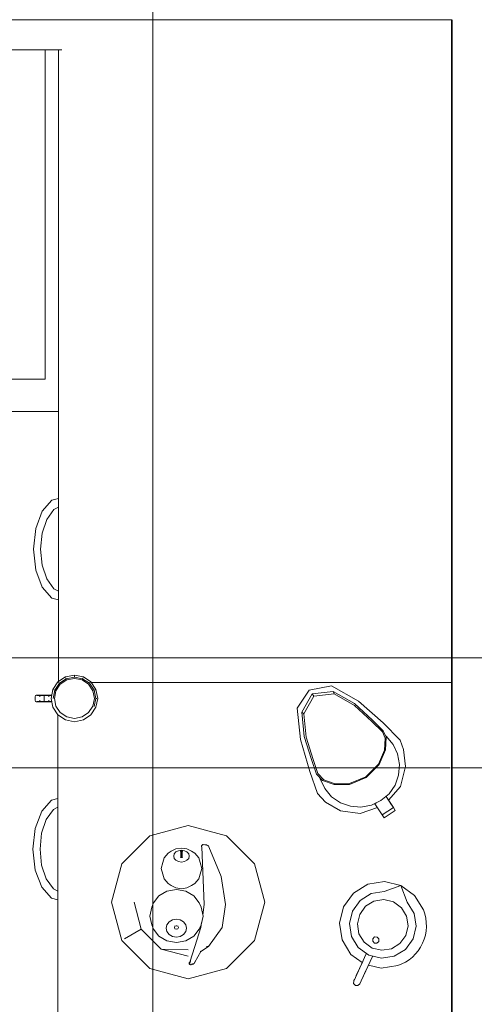
# Model space of a CAD drawing. Units: feet. Extents: x -297 to 770, y -228 to 625.
# Tile 12 of 14: x 716 to 734, y 194 to 233. Entities that reach past the tile are written whole.
import ezdxf

# ---------------------------------------------------------------- set-up
doc = ezdxf.new("R2010")
doc.units = ezdxf.units.FT
doc.header["$MEASUREMENT"] = 0
for name, color, linetype, lineweight in [('A-ANNO-DIMS', 2, 'Continuous', 18), ('A-EQPM', 8, 'Continuous', 13), ('A-FLOR-CASE', 8, 'Continuous', 18), ('A-FLOR-FIXT', 8, 'Continuous', 18), ('A-WALL', 7, 'Continuous', 35), ('windows', 30, 'Continuous', 18)]:
    doc.layers.add(name, color=color, linetype=linetype, lineweight=lineweight)
doc.styles.get("Standard").update_dxf_attribs({"font": 'arial.ttf'})
doc.dimstyles.get("Standard").update_dxf_attribs({"dimtxt": 3, "dimasz": 2, "dimexe": 0.18, "dimexo": 0.0625, "dimgap": 0.09, "dimtad": 1, "dimtoh": 1, "dimdec": 1, "dimzin": 0, "dimdsep": 46, "dimlunit": 3, "dimtxsty": 'Standard', "dimcen": 0, "dimclre": 256, "dimadec": 0, "dimazin": 0, "dimtfac": 1, "dimtdec": 1, "dimtofl": 0, "dimtmove": 0, "dimatfit": 3, "dimfxl": 1, "dimtolj": 1, "dimtzin": 0, "dimlwe": -1, "dimarcsym": 0})

# ---------------------------------------------------------------- blocks, each defined once
blk = doc.blocks.new('WIN-5FT')
blk.add_lwpolyline([(60, 0), (60, 9), (0, 9), (0, 0)], close=True)
blk = doc.blocks.new('*D54')
at = {"layer": 'A-ANNO-DIMS', "transparency": 16777216}
for p, q in [((733.096, 233.463), (354.525, 233.463)), ((733.093, 203.463), (354.525, 203.463))]:
    blk.add_line(p, q, dxfattribs=at)
at = {"layer": 'A-ANNO-DIMS', "color": 0, "lineweight": -2, "transparency": 16777216}
blk.add_line((354.705, 205.463), (354.705, 231.463), dxfattribs=at)
at = {"layer": 'A-ANNO-DIMS', "color": 0, "transparency": 16777216}
for points in [[(354.372, 231.463), (355.039, 231.463), (354.705, 233.463)], [(354.372, 205.463), (355.039, 205.463), (354.705, 203.463)]]:
    blk.add_solid(points, dxfattribs=at)
at = {"layer": 'Defpoints', "color": 0, "transparency": 16777216}
for p in [(354.705, 233.463), (733.158, 233.463), (733.155, 203.463)]:
    blk.add_point(p, dxfattribs=at)
at = {"layer": 'A-ANNO-DIMS', "color": 0, "transparency": 16777216, "insert": (353.083, 218.463), "char_height": 3, "attachment_point": 5, "rotation": 90}
blk.add_mtext('\\A1;30', dxfattribs=at)
blk = doc.blocks.new('*D68')
at = {"layer": 'A-ANNO-DIMS', "transparency": 16777216}
for p, q in [((685.155, 306.9), (685.155, -227.667)), ((721.155, 306.9), (721.155, -227.667))]:
    blk.add_line(p, q, dxfattribs=at)
at = {"layer": 'A-ANNO-DIMS', "color": 0, "lineweight": -2, "transparency": 16777216}
blk.add_line((687.155, -227.487), (719.155, -227.487), dxfattribs=at)
at = {"layer": 'A-ANNO-DIMS', "color": 0, "transparency": 16777216}
for points in [[(687.155, -227.154), (687.155, -227.821), (685.155, -227.487)], [(719.155, -227.154), (719.155, -227.821), (721.155, -227.487)]]:
    blk.add_solid(points, dxfattribs=at)
at = {"layer": 'Defpoints', "color": 0, "transparency": 16777216}
for p in [(685.155, 306.963), (721.155, 306.963), (721.155, -227.487)]:
    blk.add_point(p, dxfattribs=at)
at = {"layer": 'A-ANNO-DIMS', "color": 0, "transparency": 16777216, "insert": (703.155, -225.865), "char_height": 3, "attachment_point": 5}
blk.add_mtext('\\A1;36', dxfattribs=at)
blk = doc.blocks.new('*D75')
at = {"layer": 'A-ANNO-DIMS', "transparency": 16777216}
for p, q in [((471.753, 264.961), (769.785, 264.961)), ((471.753, 207.869), (769.785, 207.869))]:
    blk.add_line(p, q, dxfattribs=at)
at = {"layer": 'A-ANNO-DIMS', "color": 0, "lineweight": -2, "transparency": 16777216}
blk.add_line((769.605, 209.869), (769.605, 262.961), dxfattribs=at)
at = {"layer": 'A-ANNO-DIMS', "color": 0, "transparency": 16777216}
for points in [[(769.272, 262.961), (769.939, 262.961), (769.605, 264.961)], [(769.272, 209.869), (769.939, 209.869), (769.605, 207.869)]]:
    blk.add_solid(points, dxfattribs=at)
at = {"layer": 'Defpoints', "color": 0, "transparency": 16777216}
for p in [(471.691, 264.961), (769.605, 264.961), (471.691, 207.869)]:
    blk.add_point(p, dxfattribs=at)
at = {"layer": 'A-ANNO-DIMS', "color": 0, "transparency": 16777216, "insert": (767.984, 236.415), "char_height": 3, "attachment_point": 5, "rotation": 90}
blk.add_mtext('\\A1;57.09', dxfattribs=at)

msp = doc.modelspace()

# ---------------------------------------------------------------- linework, layer by layer
at = {"layer": 'A-EQPM'}
for p, q in [((726.947, 205.85), (727.438, 206.573)), ((727.438, 206.573), (728.324, 206.741)), ((728.324, 206.741), (729.408, 206.128)), ((727.141, 205.692), (727.547, 206.419)), ((727.614, 206.325), (727.222, 205.624)), ((727.547, 206.419), (728.394, 206.518)), ((727.547, 206.419), (727.614, 206.325)), ((728.43, 206.421), (727.614, 206.325)), ((728.394, 206.518), (729.252, 206.034)), ((728.394, 206.518), (728.43, 206.421)), ((729.257, 205.954), (728.43, 206.421)), ((727.084, 204.589), (726.947, 205.85)), ((729.252, 206.034), (729.972, 205.372)), ((729.951, 205.315), (729.257, 205.954)), ((730.4, 205.266), (729.408, 206.128)), ((727.235, 204.717), (727.141, 205.692)), ((727.141, 205.692), (727.222, 205.624)), ((727.222, 205.624), (727.313, 204.684)), ((729.972, 205.372), (730.407, 204.939)), ((730.371, 204.898), (729.951, 205.315)), ((731.087, 204.567), (730.4, 205.266)), ((727.084, 204.589), (727.462, 203.311)), ((727.53, 203.789), (727.235, 204.717)), ((727.313, 204.684), (727.597, 203.789)), ((730.484, 204.651), (730.371, 204.898)), ((730.407, 204.939), (730.525, 204.683)), ((730.451, 204.168), (730.484, 204.651)), ((730.525, 204.683), (730.49, 204.181)), ((730.522, 204.722), (730.5, 204.737)), ((730.798, 204.397), (730.522, 204.722)), ((731.087, 204.567), (731.221, 204.198)), ((730.211, 203.598), (730.451, 204.168)), ((730.49, 204.181), (730.241, 203.59)), ((730.981, 204.013), (730.798, 204.397)), ((731.221, 204.198), (731.296, 203.514)), ((727.725, 203.203), (727.53, 203.789)), ((727.597, 203.789), (727.785, 203.225)), ((731.058, 203.593), (730.981, 204.013)), ((729.705, 203.091), (730.211, 203.598)), ((730.241, 203.59), (729.717, 203.065)), ((731.023, 203.169), (731.058, 203.593)), ((731.296, 203.514), (731.101, 202.703)), ((727.462, 203.311), (727.772, 202.422)), ((727.97, 202.951), (727.725, 203.203)), ((727.785, 203.225), (728.021, 202.982)), ((727.866, 203.058), (727.875, 203.009)), ((727.875, 203.009), (728.058, 202.624)), ((728.021, 202.982), (728.471, 202.821)), ((729.717, 203.065), (729.045, 202.791)), ((729.058, 202.828), (729.705, 203.091)), ((730.881, 202.767), (731.023, 203.169)), ((728.437, 202.784), (727.97, 202.951)), ((728.058, 202.624), (728.334, 202.299)), ((729.045, 202.791), (728.437, 202.784)), ((728.471, 202.821), (729.058, 202.828)), ((731.101, 202.703), (730.616, 202.166)), ((730.639, 202.417), (730.881, 202.767)), ((727.772, 202.422), (728.092, 202.074)), ((728.334, 202.299), (728.685, 202.058)), ((730.314, 202.14), (730.639, 202.417)), ((730.524, 202.309), (730.476, 202.278)), ((730.742, 201.972), (730.524, 202.309)), ((730.524, 202.309), (730.603, 202.186)), ((730.814, 201.86), (730.524, 202.309)), ((728.092, 202.074), (728.686, 201.733)), ((728.685, 202.058), (729.086, 201.915)), ((729.086, 201.915), (729.511, 201.881)), ((729.486, 201.62), (730.174, 201.865)), ((729.511, 201.881), (729.93, 201.958)), ((729.93, 201.958), (730.314, 202.14)), ((730.075, 202.018), (730.123, 202.049)), ((730.365, 201.569), (730.075, 202.018)), ((730.365, 201.569), (730.814, 201.86)), ((730.814, 201.86), (730.742, 201.972)), ((730.788, 201.901), (730.814, 201.86)), ((730.814, 201.86), (730.887, 201.748)), ((728.686, 201.733), (729.486, 201.62)), ((730.438, 201.457), (730.365, 201.569)), ((730.887, 201.748), (730.438, 201.457)), ((722.574, 201.143), (721.036, 200.731)), ((722.574, 201.142), (721.037, 200.73)), ((724.111, 200.731), (722.574, 201.143)), ((724.111, 200.73), (722.574, 201.142)), ((721.036, 200.731), (719.911, 199.606)), ((721.037, 200.73), (719.912, 199.605)), ((725.237, 199.606), (724.111, 200.731)), ((725.236, 199.605), (724.111, 200.73)), ((722.308, 200.236), (722.087, 200.203)), ((722.529, 200.203), (722.308, 200.236)), ((723.111, 200.334), (723.12, 200.342)), ((723.114, 200.286), (723.111, 200.334)), ((723.111, 200.334), (723.113, 200.286)), ((723.113, 200.286), (723.114, 200.286)), ((723.114, 200.286), (723.114, 200.286)), ((723.119, 200.348), (723.134, 200.362)), ((723.146, 200.357), (723.119, 200.348)), ((723.119, 200.342), (723.119, 200.348)), ((723.224, 197.969), (723.122, 200.286)), ((723.134, 200.362), (723.139, 200.364)), ((723.134, 200.362), (723.151, 200.362)), ((723.142, 200.367), (723.139, 200.364)), ((723.139, 200.364), (723.142, 200.367)), ((723.153, 200.371), (723.142, 200.367)), ((723.171, 200.376), (723.153, 200.371)), ((723.155, 200.371), (723.171, 200.376)), ((723.16, 200.371), (723.171, 200.376)), ((723.171, 200.376), (723.168, 200.371)), ((723.171, 200.376), (723.259, 200.371)), ((723.206, 200.371), (723.171, 200.376)), ((723.171, 200.376), (723.22, 200.371)), ((723.171, 200.376), (723.179, 200.371)), ((723.259, 200.371), (723.292, 200.364)), ((723.286, 200.362), (723.27, 200.364)), ((723.312, 200.362), (723.292, 200.364)), ((723.325, 200.357), (723.312, 200.362)), ((723.344, 200.353), (723.325, 200.357)), ((723.344, 200.353), (723.372, 200.338)), ((723.383, 200.334), (723.37, 200.339)), ((723.38, 200.332), (723.383, 200.334)), ((723.383, 200.334), (723.384, 200.332)), ((723.384, 200.332), (723.39, 200.329)), ((723.39, 200.329), (723.408, 200.286)), ((723.408, 200.286), (723.395, 200.286)), ((723.898, 199.095), (723.403, 200.286)), ((721.611, 199.844), (721.554, 199.657)), ((721.775, 200.029), (721.611, 199.844)), ((721.9, 200.108), (721.775, 200.029)), ((722.087, 200.203), (721.9, 200.108)), ((722.019, 200.006), (721.996, 199.916)), ((721.996, 199.916), (722.019, 199.826)), ((722.087, 200.083), (722.019, 200.006)), ((722.019, 199.826), (722.087, 199.749)), ((722.188, 200.134), (722.087, 200.083)), ((722.308, 200.152), (722.188, 200.134)), ((722.267, 200.117), (722.279, 200.125)), ((722.279, 200.108), (722.267, 200.117)), ((722.267, 200.117), (722.279, 200.059)), ((722.279, 199.906), (722.269, 199.87)), ((722.279, 200.125), (722.308, 200.129)), ((722.287, 200.051), (722.279, 200.108)), ((722.279, 200.108), (722.308, 200.105)), ((722.279, 200.059), (722.285, 200.004)), ((722.285, 199.953), (722.279, 199.906)), ((722.28, 199.849), (722.287, 199.892)), ((722.285, 200.004), (722.285, 199.953)), ((722.292, 199.996), (722.287, 200.051)), ((722.287, 199.892), (722.292, 199.943)), ((722.292, 199.943), (722.292, 199.996)), ((722.428, 200.134), (722.308, 200.152)), ((722.308, 200.129), (722.337, 200.125)), ((722.308, 200.105), (722.337, 200.108)), ((722.308, 200.105), (722.308, 199.841)), ((722.329, 200.051), (722.324, 199.996)), ((722.324, 199.996), (722.324, 199.943)), ((722.324, 199.943), (722.329, 199.892)), ((722.337, 200.108), (722.329, 200.051)), ((722.329, 199.892), (722.336, 199.849)), ((722.337, 200.059), (722.331, 200.004)), ((722.331, 200.004), (722.331, 199.953)), ((722.331, 199.953), (722.337, 199.906)), ((722.337, 200.125), (722.349, 200.117)), ((722.337, 200.108), (722.349, 200.117)), ((722.349, 200.117), (722.337, 200.059)), ((722.337, 199.906), (722.347, 199.87)), ((722.529, 200.083), (722.428, 200.134)), ((722.716, 200.108), (722.529, 200.203)), ((722.597, 200.006), (722.529, 200.083)), ((722.529, 199.749), (722.597, 199.826)), ((722.62, 199.916), (722.597, 200.006)), ((722.597, 199.826), (722.62, 199.916)), ((722.841, 200.029), (722.716, 200.108)), ((723.005, 199.844), (722.841, 200.029)), ((723.062, 199.657), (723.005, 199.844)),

> _Exercise description_
Once you have checked every line of the material above, return the ones that hold the string "ezdxf".

> _Written answer_
import ezdxf
doc = ezdxf.new("R2010")
doc.units = ezdxf.units.FT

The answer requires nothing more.